Stored dataset items
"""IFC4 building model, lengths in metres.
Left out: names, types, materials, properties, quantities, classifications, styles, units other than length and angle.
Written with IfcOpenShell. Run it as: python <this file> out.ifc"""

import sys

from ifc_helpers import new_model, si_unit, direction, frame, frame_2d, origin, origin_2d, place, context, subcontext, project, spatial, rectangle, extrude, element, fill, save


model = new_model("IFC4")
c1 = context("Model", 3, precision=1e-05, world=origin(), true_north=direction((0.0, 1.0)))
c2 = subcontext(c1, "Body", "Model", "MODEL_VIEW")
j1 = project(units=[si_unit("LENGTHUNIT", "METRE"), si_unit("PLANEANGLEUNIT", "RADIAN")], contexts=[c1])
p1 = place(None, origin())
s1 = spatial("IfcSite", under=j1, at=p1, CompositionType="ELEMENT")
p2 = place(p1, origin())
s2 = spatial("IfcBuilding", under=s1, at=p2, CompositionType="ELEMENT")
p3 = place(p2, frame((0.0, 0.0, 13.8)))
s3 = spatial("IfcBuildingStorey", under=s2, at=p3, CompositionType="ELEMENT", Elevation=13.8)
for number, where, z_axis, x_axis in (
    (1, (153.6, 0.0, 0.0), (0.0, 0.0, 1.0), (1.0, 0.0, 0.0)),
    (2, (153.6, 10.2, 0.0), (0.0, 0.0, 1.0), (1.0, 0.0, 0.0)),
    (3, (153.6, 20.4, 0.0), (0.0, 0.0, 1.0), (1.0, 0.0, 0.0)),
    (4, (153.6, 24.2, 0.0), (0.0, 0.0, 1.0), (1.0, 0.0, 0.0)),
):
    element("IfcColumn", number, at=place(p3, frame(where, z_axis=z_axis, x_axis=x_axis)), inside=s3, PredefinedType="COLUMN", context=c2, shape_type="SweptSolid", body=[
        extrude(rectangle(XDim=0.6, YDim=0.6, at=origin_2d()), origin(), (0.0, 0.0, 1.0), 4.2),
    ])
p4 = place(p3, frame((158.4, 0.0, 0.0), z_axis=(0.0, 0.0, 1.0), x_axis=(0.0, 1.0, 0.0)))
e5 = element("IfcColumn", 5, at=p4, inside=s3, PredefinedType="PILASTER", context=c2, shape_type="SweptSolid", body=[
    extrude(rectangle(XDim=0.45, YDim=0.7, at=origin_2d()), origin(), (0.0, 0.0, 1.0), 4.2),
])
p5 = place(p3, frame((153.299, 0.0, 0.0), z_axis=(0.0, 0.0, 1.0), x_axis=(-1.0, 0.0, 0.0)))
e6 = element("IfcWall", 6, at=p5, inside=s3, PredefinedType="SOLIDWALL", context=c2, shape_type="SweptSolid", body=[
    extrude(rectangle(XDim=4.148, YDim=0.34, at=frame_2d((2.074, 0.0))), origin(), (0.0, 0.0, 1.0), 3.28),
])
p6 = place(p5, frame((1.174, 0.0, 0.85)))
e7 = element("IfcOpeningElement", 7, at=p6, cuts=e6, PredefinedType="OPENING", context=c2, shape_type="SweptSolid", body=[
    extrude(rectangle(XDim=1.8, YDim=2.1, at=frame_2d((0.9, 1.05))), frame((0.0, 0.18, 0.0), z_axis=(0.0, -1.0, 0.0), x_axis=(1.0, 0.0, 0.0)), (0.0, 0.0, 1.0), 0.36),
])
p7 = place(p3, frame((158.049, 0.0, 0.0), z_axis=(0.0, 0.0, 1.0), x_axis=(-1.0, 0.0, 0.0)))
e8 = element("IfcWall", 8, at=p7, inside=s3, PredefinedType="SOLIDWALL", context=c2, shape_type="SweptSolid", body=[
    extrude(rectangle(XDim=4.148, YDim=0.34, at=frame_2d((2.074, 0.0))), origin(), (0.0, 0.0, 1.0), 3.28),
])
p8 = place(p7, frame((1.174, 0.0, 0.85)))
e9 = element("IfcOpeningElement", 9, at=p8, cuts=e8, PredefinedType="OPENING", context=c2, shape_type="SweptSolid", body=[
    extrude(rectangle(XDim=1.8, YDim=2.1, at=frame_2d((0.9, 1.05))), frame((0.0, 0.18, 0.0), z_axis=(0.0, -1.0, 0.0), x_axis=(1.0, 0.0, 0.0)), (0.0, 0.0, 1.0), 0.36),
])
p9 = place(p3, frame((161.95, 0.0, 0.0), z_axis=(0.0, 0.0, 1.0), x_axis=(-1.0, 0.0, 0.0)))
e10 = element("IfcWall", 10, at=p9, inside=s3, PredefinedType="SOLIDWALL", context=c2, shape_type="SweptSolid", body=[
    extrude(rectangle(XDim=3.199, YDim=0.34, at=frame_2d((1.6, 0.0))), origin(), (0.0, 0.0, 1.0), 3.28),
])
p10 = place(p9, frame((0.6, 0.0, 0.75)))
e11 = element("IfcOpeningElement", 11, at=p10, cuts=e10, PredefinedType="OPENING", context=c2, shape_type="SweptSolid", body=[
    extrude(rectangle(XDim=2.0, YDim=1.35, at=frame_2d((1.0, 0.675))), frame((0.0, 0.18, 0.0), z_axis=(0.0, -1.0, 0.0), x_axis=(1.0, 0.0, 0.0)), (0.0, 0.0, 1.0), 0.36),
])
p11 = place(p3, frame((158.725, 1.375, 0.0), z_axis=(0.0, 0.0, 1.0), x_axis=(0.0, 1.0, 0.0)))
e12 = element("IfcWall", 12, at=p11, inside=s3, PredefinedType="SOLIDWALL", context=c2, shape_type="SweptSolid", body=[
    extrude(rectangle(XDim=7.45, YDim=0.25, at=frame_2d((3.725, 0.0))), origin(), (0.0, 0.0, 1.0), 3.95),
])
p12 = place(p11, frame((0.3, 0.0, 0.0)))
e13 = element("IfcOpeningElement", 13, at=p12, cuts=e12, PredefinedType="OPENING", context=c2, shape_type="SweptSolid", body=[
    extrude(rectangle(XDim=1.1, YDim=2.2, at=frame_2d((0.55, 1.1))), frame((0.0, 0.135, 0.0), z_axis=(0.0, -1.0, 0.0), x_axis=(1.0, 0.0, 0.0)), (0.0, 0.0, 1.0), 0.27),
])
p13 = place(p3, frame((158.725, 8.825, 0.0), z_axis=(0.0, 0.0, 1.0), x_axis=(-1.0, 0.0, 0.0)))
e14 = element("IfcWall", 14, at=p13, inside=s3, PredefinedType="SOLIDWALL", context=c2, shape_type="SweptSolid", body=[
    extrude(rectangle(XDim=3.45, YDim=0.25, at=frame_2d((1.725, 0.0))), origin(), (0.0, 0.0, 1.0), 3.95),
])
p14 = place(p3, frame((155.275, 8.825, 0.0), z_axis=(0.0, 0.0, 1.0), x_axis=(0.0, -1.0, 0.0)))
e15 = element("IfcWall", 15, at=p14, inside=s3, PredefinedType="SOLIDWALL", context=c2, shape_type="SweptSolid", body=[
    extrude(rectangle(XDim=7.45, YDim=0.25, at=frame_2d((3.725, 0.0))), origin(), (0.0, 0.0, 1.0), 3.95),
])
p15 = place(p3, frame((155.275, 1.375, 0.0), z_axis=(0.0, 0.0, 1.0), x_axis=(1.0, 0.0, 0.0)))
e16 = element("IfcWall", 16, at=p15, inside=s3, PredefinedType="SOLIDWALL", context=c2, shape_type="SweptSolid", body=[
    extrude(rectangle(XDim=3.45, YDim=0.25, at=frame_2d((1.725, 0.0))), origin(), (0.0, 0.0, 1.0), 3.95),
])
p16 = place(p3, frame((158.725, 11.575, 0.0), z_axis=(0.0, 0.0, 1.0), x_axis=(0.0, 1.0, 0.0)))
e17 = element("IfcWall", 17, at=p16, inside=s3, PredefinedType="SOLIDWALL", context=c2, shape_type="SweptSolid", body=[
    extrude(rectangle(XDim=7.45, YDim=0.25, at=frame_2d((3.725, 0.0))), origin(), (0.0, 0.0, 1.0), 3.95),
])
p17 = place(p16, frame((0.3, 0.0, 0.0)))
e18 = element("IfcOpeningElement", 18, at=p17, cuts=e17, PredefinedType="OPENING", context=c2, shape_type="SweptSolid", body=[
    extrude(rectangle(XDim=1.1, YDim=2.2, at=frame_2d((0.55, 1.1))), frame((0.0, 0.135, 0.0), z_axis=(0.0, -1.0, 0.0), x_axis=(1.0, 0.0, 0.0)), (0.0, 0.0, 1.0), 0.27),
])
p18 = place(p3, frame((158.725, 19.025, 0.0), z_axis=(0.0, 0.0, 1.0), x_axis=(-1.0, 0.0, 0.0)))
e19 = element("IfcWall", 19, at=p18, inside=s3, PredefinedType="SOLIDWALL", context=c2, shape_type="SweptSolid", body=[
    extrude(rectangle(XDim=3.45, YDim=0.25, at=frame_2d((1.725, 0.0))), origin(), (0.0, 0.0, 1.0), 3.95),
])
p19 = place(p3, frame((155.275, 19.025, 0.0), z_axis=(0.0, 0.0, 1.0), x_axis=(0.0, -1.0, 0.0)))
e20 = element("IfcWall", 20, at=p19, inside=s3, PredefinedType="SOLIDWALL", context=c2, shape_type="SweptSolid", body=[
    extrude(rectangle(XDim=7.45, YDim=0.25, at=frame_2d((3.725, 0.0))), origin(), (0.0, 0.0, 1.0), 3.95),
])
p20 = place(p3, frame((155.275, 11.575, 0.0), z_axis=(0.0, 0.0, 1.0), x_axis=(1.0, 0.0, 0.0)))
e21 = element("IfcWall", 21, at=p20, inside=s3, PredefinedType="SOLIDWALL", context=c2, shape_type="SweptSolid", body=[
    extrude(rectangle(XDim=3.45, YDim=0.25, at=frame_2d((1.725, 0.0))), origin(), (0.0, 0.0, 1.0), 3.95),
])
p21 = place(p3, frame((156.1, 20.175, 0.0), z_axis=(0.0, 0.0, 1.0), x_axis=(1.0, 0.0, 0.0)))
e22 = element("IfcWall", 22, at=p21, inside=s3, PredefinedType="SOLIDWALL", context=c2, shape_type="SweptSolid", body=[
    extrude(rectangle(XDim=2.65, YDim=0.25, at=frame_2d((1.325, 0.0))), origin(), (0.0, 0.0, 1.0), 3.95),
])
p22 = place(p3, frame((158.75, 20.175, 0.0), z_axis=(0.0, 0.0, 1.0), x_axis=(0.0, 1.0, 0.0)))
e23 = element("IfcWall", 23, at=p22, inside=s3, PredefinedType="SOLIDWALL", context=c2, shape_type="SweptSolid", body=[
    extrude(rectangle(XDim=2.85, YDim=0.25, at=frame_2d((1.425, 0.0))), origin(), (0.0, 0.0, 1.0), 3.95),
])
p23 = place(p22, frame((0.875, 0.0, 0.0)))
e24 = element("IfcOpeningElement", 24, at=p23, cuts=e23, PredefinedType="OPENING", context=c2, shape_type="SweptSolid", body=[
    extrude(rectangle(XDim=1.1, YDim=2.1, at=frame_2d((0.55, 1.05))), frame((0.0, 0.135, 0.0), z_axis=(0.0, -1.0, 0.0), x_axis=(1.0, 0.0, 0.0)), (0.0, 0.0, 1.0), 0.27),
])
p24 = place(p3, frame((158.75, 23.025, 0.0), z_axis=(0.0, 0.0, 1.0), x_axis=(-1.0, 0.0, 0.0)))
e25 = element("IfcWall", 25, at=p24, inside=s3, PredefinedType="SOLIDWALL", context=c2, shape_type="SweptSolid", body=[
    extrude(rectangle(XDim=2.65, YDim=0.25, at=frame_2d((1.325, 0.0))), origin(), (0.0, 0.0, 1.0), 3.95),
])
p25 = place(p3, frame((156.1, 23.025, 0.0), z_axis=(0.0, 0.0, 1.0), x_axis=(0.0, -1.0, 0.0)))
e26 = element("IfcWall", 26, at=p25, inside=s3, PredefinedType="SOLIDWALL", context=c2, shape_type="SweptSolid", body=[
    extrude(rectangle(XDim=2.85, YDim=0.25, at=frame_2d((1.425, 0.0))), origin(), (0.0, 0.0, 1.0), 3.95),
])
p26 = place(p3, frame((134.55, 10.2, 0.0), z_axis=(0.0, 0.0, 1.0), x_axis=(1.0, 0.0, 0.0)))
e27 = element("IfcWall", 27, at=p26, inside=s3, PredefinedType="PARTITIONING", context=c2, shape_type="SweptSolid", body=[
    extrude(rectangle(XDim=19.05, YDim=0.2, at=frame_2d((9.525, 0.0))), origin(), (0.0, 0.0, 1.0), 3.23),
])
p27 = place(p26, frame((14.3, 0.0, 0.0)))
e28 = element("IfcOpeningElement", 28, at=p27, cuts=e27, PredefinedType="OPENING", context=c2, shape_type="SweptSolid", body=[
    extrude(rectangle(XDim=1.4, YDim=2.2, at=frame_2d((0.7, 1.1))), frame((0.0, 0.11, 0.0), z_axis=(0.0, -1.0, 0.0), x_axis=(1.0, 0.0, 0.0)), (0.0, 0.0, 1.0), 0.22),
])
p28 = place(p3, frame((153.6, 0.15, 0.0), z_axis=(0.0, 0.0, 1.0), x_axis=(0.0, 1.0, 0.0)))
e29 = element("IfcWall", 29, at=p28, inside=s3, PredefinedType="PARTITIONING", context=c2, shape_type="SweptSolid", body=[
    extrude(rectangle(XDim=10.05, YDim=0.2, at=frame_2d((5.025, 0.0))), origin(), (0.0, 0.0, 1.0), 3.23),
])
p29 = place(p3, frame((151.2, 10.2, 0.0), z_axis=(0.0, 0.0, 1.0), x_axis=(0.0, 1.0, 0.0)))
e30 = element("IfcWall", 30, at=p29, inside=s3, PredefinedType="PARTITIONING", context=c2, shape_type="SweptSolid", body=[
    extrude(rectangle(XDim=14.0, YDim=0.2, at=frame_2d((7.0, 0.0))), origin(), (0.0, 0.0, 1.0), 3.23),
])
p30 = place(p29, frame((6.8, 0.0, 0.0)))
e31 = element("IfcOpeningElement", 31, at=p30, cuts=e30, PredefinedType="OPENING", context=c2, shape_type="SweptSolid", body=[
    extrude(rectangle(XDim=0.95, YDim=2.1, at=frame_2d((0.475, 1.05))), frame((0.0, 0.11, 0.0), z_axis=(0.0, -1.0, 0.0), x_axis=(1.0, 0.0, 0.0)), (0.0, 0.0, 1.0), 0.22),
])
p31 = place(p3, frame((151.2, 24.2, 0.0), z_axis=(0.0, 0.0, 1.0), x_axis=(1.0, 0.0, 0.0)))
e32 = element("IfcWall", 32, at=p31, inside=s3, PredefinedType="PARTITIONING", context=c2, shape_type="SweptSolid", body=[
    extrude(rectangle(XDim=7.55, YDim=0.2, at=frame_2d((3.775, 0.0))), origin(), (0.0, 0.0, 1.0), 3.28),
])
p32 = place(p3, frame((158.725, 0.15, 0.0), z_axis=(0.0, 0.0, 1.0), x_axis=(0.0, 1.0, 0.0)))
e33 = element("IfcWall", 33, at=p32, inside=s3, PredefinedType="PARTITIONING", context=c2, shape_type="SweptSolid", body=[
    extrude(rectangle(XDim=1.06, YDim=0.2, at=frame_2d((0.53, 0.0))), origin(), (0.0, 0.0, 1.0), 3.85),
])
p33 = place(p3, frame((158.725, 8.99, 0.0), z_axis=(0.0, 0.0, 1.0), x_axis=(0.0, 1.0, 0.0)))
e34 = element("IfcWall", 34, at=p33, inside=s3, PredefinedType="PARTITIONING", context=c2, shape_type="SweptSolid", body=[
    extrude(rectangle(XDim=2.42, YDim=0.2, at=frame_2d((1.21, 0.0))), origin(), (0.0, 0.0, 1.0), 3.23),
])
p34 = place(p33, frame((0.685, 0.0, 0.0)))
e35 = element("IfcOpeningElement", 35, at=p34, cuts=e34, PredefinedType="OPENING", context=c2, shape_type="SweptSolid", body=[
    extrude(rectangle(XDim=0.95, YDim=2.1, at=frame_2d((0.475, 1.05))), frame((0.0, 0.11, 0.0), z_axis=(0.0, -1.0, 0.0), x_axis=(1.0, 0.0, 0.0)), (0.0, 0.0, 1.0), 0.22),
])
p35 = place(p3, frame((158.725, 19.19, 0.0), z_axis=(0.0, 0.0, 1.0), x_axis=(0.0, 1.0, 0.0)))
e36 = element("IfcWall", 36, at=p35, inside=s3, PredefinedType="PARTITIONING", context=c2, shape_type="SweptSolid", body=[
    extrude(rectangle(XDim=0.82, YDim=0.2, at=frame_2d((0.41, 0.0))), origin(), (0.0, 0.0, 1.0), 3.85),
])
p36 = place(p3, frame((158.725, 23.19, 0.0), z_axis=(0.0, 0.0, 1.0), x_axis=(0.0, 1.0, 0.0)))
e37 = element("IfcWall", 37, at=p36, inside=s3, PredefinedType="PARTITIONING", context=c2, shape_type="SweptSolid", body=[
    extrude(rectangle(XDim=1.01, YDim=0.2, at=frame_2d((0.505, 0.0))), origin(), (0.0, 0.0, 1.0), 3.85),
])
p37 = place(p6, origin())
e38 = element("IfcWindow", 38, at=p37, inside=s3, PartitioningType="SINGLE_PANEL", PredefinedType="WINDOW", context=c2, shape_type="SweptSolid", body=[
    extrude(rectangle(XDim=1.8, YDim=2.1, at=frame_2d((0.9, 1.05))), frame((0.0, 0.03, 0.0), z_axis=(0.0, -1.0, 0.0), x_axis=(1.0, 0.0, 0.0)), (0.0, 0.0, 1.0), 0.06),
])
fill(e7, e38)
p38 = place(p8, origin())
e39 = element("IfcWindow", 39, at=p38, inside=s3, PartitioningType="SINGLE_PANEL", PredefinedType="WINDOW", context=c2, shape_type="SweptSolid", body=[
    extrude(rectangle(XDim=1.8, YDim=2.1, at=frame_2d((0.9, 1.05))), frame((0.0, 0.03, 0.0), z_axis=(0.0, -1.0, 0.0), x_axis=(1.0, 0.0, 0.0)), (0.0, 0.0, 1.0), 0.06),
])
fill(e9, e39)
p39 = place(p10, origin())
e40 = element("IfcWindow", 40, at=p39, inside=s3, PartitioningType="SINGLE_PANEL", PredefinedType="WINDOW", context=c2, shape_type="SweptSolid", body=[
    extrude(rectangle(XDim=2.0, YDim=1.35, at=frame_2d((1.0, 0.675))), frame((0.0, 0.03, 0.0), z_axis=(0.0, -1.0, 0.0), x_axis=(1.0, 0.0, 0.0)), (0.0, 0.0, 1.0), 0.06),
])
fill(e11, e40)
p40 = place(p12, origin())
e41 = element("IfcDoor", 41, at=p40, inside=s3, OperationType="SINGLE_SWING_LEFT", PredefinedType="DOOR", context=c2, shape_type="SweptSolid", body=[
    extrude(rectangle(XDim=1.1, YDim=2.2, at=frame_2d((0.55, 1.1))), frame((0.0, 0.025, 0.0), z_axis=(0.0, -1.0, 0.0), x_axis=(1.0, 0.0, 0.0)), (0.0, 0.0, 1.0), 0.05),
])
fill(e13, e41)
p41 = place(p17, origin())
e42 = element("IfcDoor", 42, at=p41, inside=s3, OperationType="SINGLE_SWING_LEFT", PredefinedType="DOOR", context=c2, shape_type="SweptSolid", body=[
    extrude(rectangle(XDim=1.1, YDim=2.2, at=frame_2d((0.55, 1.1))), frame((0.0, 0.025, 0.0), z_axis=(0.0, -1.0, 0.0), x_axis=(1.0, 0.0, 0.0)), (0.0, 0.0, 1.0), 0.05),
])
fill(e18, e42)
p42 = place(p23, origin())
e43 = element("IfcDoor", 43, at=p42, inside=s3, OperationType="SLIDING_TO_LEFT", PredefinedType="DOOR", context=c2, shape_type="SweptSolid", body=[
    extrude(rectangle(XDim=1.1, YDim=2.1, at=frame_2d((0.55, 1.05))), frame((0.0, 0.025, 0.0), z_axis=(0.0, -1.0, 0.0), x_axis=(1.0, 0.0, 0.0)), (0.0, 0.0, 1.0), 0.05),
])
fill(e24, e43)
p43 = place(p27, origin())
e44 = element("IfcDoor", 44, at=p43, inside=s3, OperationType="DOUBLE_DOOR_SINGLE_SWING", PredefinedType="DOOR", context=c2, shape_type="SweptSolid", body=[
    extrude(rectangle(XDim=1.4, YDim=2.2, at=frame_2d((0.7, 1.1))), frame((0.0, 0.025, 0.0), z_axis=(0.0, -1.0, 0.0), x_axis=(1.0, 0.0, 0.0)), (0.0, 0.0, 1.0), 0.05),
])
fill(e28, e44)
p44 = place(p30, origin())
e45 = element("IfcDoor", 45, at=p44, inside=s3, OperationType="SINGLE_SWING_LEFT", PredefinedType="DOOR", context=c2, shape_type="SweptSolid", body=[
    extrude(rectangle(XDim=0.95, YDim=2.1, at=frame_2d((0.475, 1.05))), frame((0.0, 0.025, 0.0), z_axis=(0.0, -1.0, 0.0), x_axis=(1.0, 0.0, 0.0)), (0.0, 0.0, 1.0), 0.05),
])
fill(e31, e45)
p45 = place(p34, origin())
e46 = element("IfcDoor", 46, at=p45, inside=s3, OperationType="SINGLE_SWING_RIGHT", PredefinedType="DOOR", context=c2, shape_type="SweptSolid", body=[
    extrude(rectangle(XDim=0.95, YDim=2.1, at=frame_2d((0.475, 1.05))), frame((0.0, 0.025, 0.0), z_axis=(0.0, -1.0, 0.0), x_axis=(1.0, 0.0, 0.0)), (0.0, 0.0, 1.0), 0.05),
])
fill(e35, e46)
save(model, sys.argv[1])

Directions
The lines above that hold the string "import" are to be located and copied.

Reply to the task
import sys
from ifc_helpers import new_model, si_unit, direction, frame, frame_2d, origin, origin_2d, place, context, subcontext, project, spatial, rectangle, extrude, element, fill, save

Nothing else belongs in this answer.